##### Task inputs #####
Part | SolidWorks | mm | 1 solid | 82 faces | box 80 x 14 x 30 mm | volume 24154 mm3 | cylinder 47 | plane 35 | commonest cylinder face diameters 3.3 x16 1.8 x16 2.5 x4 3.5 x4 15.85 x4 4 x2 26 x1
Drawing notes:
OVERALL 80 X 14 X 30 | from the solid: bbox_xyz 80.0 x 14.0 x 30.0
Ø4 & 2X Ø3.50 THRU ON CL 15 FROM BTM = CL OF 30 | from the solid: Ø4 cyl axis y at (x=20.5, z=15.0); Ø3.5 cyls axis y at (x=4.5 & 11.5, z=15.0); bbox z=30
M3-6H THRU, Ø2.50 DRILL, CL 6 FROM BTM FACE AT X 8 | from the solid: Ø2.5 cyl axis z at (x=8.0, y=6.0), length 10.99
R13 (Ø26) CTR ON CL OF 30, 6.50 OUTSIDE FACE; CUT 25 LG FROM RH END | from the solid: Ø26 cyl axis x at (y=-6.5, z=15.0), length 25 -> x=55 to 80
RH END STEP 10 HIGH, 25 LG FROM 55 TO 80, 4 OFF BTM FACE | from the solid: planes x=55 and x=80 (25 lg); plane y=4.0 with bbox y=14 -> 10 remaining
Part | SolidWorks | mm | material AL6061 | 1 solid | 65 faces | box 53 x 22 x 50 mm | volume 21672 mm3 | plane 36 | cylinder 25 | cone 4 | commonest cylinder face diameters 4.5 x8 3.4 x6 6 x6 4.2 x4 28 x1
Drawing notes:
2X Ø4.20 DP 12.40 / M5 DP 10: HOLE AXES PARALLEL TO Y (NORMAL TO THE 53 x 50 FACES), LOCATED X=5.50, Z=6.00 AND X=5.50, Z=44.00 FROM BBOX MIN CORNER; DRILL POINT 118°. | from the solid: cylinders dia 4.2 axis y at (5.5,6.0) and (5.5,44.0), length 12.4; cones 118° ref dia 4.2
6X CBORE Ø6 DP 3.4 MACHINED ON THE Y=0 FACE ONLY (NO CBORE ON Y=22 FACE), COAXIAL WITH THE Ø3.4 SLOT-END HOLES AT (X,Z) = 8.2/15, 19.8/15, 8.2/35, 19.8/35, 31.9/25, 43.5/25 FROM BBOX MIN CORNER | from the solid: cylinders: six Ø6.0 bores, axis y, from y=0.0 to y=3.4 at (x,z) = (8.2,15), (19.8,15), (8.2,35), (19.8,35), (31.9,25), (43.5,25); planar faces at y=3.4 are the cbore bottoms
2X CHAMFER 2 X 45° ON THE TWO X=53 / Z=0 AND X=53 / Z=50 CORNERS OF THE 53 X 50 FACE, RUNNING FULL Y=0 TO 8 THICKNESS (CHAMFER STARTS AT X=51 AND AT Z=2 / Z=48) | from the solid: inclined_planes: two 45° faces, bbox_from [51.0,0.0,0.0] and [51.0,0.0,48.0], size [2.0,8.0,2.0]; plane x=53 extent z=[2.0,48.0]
#####
Nothing but a number is expected: how many lines in the data above hold the word "THRU".

**Exercise output:** 2